↓↓↓

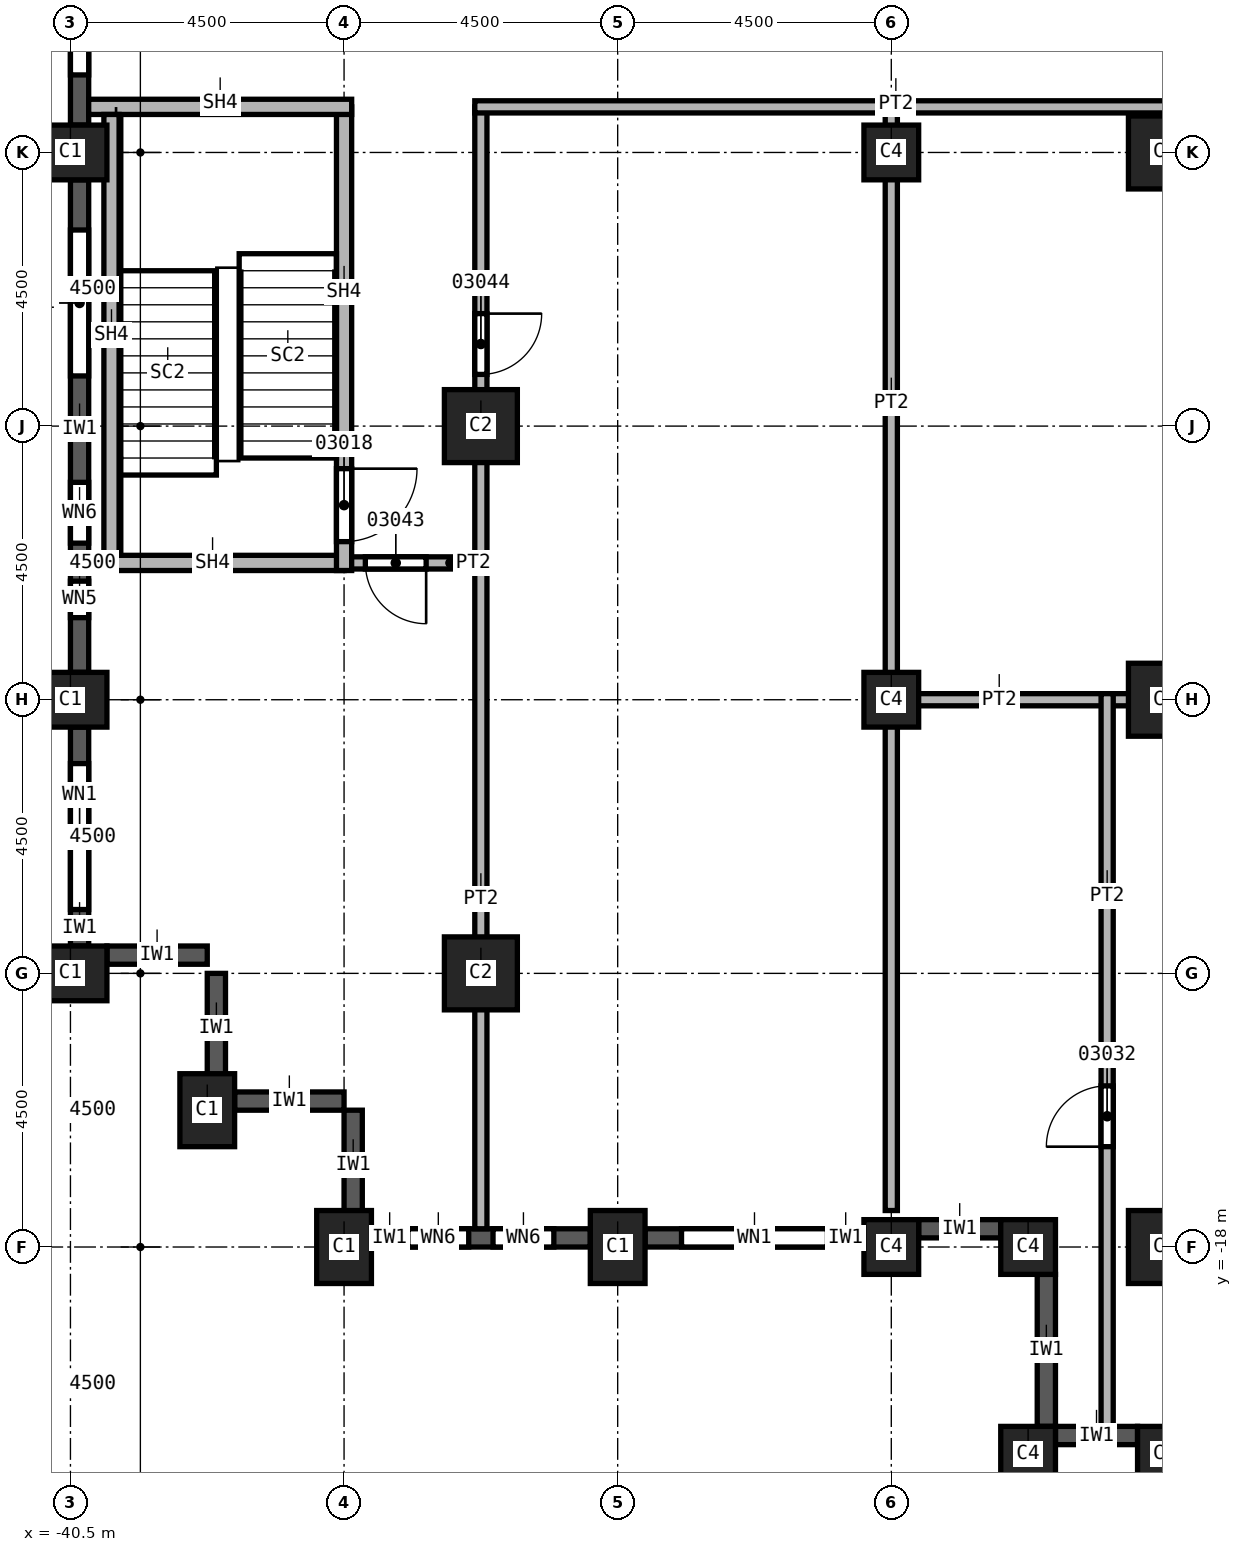
"""IFC4 building model, lengths in metres.
Left out: names, types, materials, properties, quantities, classifications, styles, units other than length and angle.
Written with IfcOpenShell. Run it as: python <this file> out.ifc"""

import sys

from ifc_helpers import new_model, si_unit, direction, frame, frame_2d, origin, origin_2d, place, context, subcontext, project, spatial, rectangle, extrude, element, fill, save


model = new_model("IFC4")
c1 = context("Model", 3, precision=1e-05, world=origin(), true_north=direction((0.0, 1.0)))
c2 = subcontext(c1, "Body", "Model", "MODEL_VIEW")
j1 = project(units=[si_unit("LENGTHUNIT", "METRE"), si_unit("PLANEANGLEUNIT", "RADIAN")], contexts=[c1])
p1 = place(None, origin())
s1 = spatial("IfcSite", under=j1, at=p1, CompositionType="ELEMENT")
p2 = place(p1, origin())
s2 = spatial("IfcBuilding", under=s1, at=p2, CompositionType="ELEMENT")
p3 = place(p2, frame((0.0, 0.0, 92.0)))
s3 = spatial("IfcBuildingStorey", under=s2, at=p3, CompositionType="ELEMENT", Elevation=92.0)
for number, where, z_axis, x_axis in (
    (1, (-40.5, 0.0, 0.0), (0.0, 0.0, 1.0), (0.0, 1.0, 0.0)),
    (2, (-40.5, -9.0, 0.0), (0.0, 0.0, 1.0), (0.0, 1.0, 0.0)),
    (3, (-40.5, -13.5, 0.0), (0.0, 0.0, 1.0), (0.0, 1.0, 0.0)),
    (4, (-38.25, -15.75, 0.0), (0.0, 0.0, 1.0), (1.0, 0.0, 0.0)),
    (5, (-31.5, -18.0, 0.0), (0.0, 0.0, 1.0), (1.0, 0.0, 0.0)),
    (6, (-36.0, -18.0, 0.0), (0.0, 0.0, 1.0), (1.0, 0.0, 0.0)),
):
    element("IfcColumn", number, at=place(p3, frame(where, z_axis=z_axis, x_axis=x_axis)), inside=s3, PredefinedType="COLUMN", context=c2, shape_type="SweptSolid", body=[
        extrude(rectangle(XDim=0.9, YDim=1.2, at=origin_2d()), origin(), (0.0, 0.0, 1.0), 3.7),
    ])
for number, where, z_axis, x_axis in (
    (7, (-33.75, -4.5, 0.0), (0.0, 0.0, 1.0), (1.0, 0.0, 0.0)),
    (8, (-33.75, -13.5, 0.0), (0.0, 0.0, 1.0), (1.0, 0.0, 0.0)),
    (9, (-22.5, 0.0, 0.0), (0.0, 0.0, 1.0), (1.0, 0.0, 0.0)),
    (10, (-22.5, -9.0, 0.0), (0.0, 0.0, 1.0), (1.0, 0.0, 0.0)),
    (11, (-22.5, -18.0, 0.0), (0.0, 0.0, 1.0), (1.0, 0.0, 0.0)),
):
    element("IfcColumn", number, at=place(p3, frame(where, z_axis=z_axis, x_axis=x_axis)), inside=s3, PredefinedType="COLUMN", context=c2, shape_type="SweptSolid", body=[
        extrude(rectangle(XDim=1.2, YDim=1.2, at=origin_2d()), origin(), (0.0, 0.0, 1.0), 3.7),
    ])
for number, where, z_axis, x_axis in (
    (12, (-27.0, 0.0, 0.0), (0.0, 0.0, 1.0), (1.0, 0.0, 0.0)),
    (13, (-27.0, -9.0, 0.0), (0.0, 0.0, 1.0), (1.0, 0.0, 0.0)),
    (14, (-27.0, -18.0, 0.0), (0.0, 0.0, 1.0), (1.0, 0.0, 0.0)),
    (15, (-22.5, -21.4, 0.0), (0.0, 0.0, 1.0), (1.0, 0.0, 0.0)),
    (16, (-24.75, -21.4, 0.0), (0.0, 0.0, 1.0), (1.0, 0.0, 0.0)),
    (17, (-24.75, -18.0, 0.0), (0.0, 0.0, 1.0), (1.0, 0.0, 0.0)),
):
    element("IfcColumn", number, at=place(p3, frame(where, z_axis=z_axis, x_axis=x_axis)), inside=s3, PredefinedType="COLUMN", context=c2, shape_type="SweptSolid", body=[
        extrude(rectangle(XDim=0.9, YDim=0.9, at=origin_2d()), origin(), (0.0, 0.0, 1.0), 3.7),
    ])
p4 = place(p3, frame((-39.9, -13.2, 0.0), z_axis=(0.0, 0.0, 1.0), x_axis=(1.0, 0.0, 0.0)))
e18 = element("IfcWall", 18, at=p4, inside=s3, PredefinedType="SOLIDWALL", context=c2, shape_type="SweptSolid", body=[
    extrude(rectangle(XDim=1.65, YDim=0.3, at=frame_2d((0.825, 0.0))), origin(), (0.0, 0.0, 1.0), 3.1),
])
for number, where, z_axis, x_axis in (
    (19, (-38.1, -15.3, 0.0), (0.0, 0.0, 1.0), (0.0, 1.0, 0.0)),
    (20, (-37.8, -15.6, 0.0), (0.0, 0.0, 1.0), (1.0, 0.0, 0.0)),
    (21, (-35.85, -17.55, 0.0), (0.0, 0.0, 1.0), (0.0, 1.0, 0.0)),
):
    element("IfcWall", number, at=place(p3, frame(where, z_axis=z_axis, x_axis=x_axis)), inside=s3, PredefinedType="SOLIDWALL", context=c2, shape_type="SweptSolid", body=[
        extrude(rectangle(XDim=1.8, YDim=0.3, at=frame_2d((0.9, 0.0))), origin(), (0.0, 0.0, 1.0), 3.1),
    ])
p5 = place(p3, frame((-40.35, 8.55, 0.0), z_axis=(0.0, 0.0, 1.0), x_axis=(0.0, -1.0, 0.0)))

↑↑↑

Your copy should hold all the data word for word. It should hold no pictures.

"""IFC4 building model, lengths in metres.
Left out: names, types, materials, properties, quantities, classifications, styles, units other than length and angle.
Written with IfcOpenShell. Run it as: python <this file> out.ifc"""

import sys

from ifc_helpers import new_model, si_unit, direction, frame, frame_2d, origin, origin_2d, place, context, subcontext, project, spatial, rectangle, extrude, element, fill, save


model = new_model("IFC4")
c1 = context("Model", 3, precision=1e-05, world=origin(), true_north=direction((0.0, 1.0)))
c2 = subcontext(c1, "Body", "Model", "MODEL_VIEW")
j1 = project(units=[si_unit("LENGTHUNIT", "METRE"), si_unit("PLANEANGLEUNIT", "RADIAN")], contexts=[c1])
p1 = place(None, origin())
s1 = spatial("IfcSite", under=j1, at=p1, CompositionType="ELEMENT")
p2 = place(p1, origin())
s2 = spatial("IfcBuilding", under=s1, at=p2, CompositionType="ELEMENT")
p3 = place(p2, frame((0.0, 0.0, 92.0)))
s3 = spatial("IfcBuildingStorey", under=s2, at=p3, CompositionType="ELEMENT", Elevation=92.0)
for number, where, z_axis, x_axis in (
    (1, (-40.5, 0.0, 0.0), (0.0, 0.0, 1.0), (0.0, 1.0, 0.0)),
    (2, (-40.5, -9.0, 0.0), (0.0, 0.0, 1.0), (0.0, 1.0, 0.0)),
    (3, (-40.5, -13.5, 0.0), (0.0, 0.0, 1.0), (0.0, 1.0, 0.0)),
    (4, (-38.25, -15.75, 0.0), (0.0, 0.0, 1.0), (1.0, 0.0, 0.0)),
    (5, (-31.5, -18.0, 0.0), (0.0, 0.0, 1.0), (1.0, 0.0, 0.0)),
    (6, (-36.0, -18.0, 0.0), (0.0, 0.0, 1.0), (1.0, 0.0, 0.0)),
):
    element("IfcColumn", number, at=place(p3, frame(where, z_axis=z_axis, x_axis=x_axis)), inside=s3, PredefinedType="COLUMN", context=c2, shape_type="SweptSolid", body=[
        extrude(rectangle(XDim=0.9, YDim=1.2, at=origin_2d()), origin(), (0.0, 0.0, 1.0), 3.7),
    ])
for number, where, z_axis, x_axis in (
    (7, (-33.75, -4.5, 0.0), (0.0, 0.0, 1.0), (1.0, 0.0, 0.0)),
    (8, (-33.75, -13.5, 0.0), (0.0, 0.0, 1.0), (1.0, 0.0, 0.0)),
    (9, (-22.5, 0.0, 0.0), (0.0, 0.0, 1.0), (1.0, 0.0, 0.0)),
    (10, (-22.5, -9.0, 0.0), (0.0, 0.0, 1.0), (1.0, 0.0, 0.0)),
    (11, (-22.5, -18.0, 0.0), (0.0, 0.0, 1.0), (1.0, 0.0, 0.0)),
):
    element("IfcColumn", number, at=place(p3, frame(where, z_axis=z_axis, x_axis=x_axis)), inside=s3, PredefinedType="COLUMN", context=c2, shape_type="SweptSolid", body=[
        extrude(rectangle(XDim=1.2, YDim=1.2, at=origin_2d()), origin(), (0.0, 0.0, 1.0), 3.7),
    ])
for number, where, z_axis, x_axis in (
    (12, (-27.0, 0.0, 0.0), (0.0, 0.0, 1.0), (1.0, 0.0, 0.0)),
    (13, (-27.0, -9.0, 0.0), (0.0, 0.0, 1.0), (1.0, 0.0, 0.0)),
    (14, (-27.0, -18.0, 0.0), (0.0, 0.0, 1.0), (1.0, 0.0, 0.0)),
    (15, (-22.5, -21.4, 0.0), (0.0, 0.0, 1.0), (1.0, 0.0, 0.0)),
    (16, (-24.75, -21.4, 0.0), (0.0, 0.0, 1.0), (1.0, 0.0, 0.0)),
    (17, (-24.75, -18.0, 0.0), (0.0, 0.0, 1.0), (1.0, 0.0, 0.0)),
):
    element("IfcColumn", number, at=place(p3, frame(where, z_axis=z_axis, x_axis=x_axis)), inside=s3, PredefinedType="COLUMN", context=c2, shape_type="SweptSolid", body=[
        extrude(rectangle(XDim=0.9, YDim=0.9, at=origin_2d()), origin(), (0.0, 0.0, 1.0), 3.7),
    ])
p4 = place(p3, frame((-39.9, -13.2, 0.0), z_axis=(0.0, 0.0, 1.0), x_axis=(1.0, 0.0, 0.0)))
e18 = element("IfcWall", 18, at=p4, inside=s3, PredefinedType="SOLIDWALL", context=c2, shape_type="SweptSolid", body=[
    extrude(rectangle(XDim=1.65, YDim=0.3, at=frame_2d((0.825, 0.0))), origin(), (0.0, 0.0, 1.0), 3.1),
])
for number, where, z_axis, x_axis in (
    (19, (-38.1, -15.3, 0.0), (0.0, 0.0, 1.0), (0.0, 1.0, 0.0)),
    (20, (-37.8, -15.6, 0.0), (0.0, 0.0, 1.0), (1.0, 0.0, 0.0)),
    (21, (-35.85, -17.55, 0.0), (0.0, 0.0, 1.0), (0.0, 1.0, 0.0)),
):
    element("IfcWall", number, at=place(p3, frame(where, z_axis=z_axis, x_axis=x_axis)), inside=s3, PredefinedType="SOLIDWALL", context=c2, shape_type="SweptSolid", body=[
        extrude(rectangle(XDim=1.8, YDim=0.3, at=frame_2d((0.9, 0.0))), origin(), (0.0, 0.0, 1.0), 3.1),
    ])
p5 = place(p3, frame((-40.35, 8.55, 0.0), z_axis=(0.0, 0.0, 1.0), x_axis=(0.0, -1.0, 0.0)))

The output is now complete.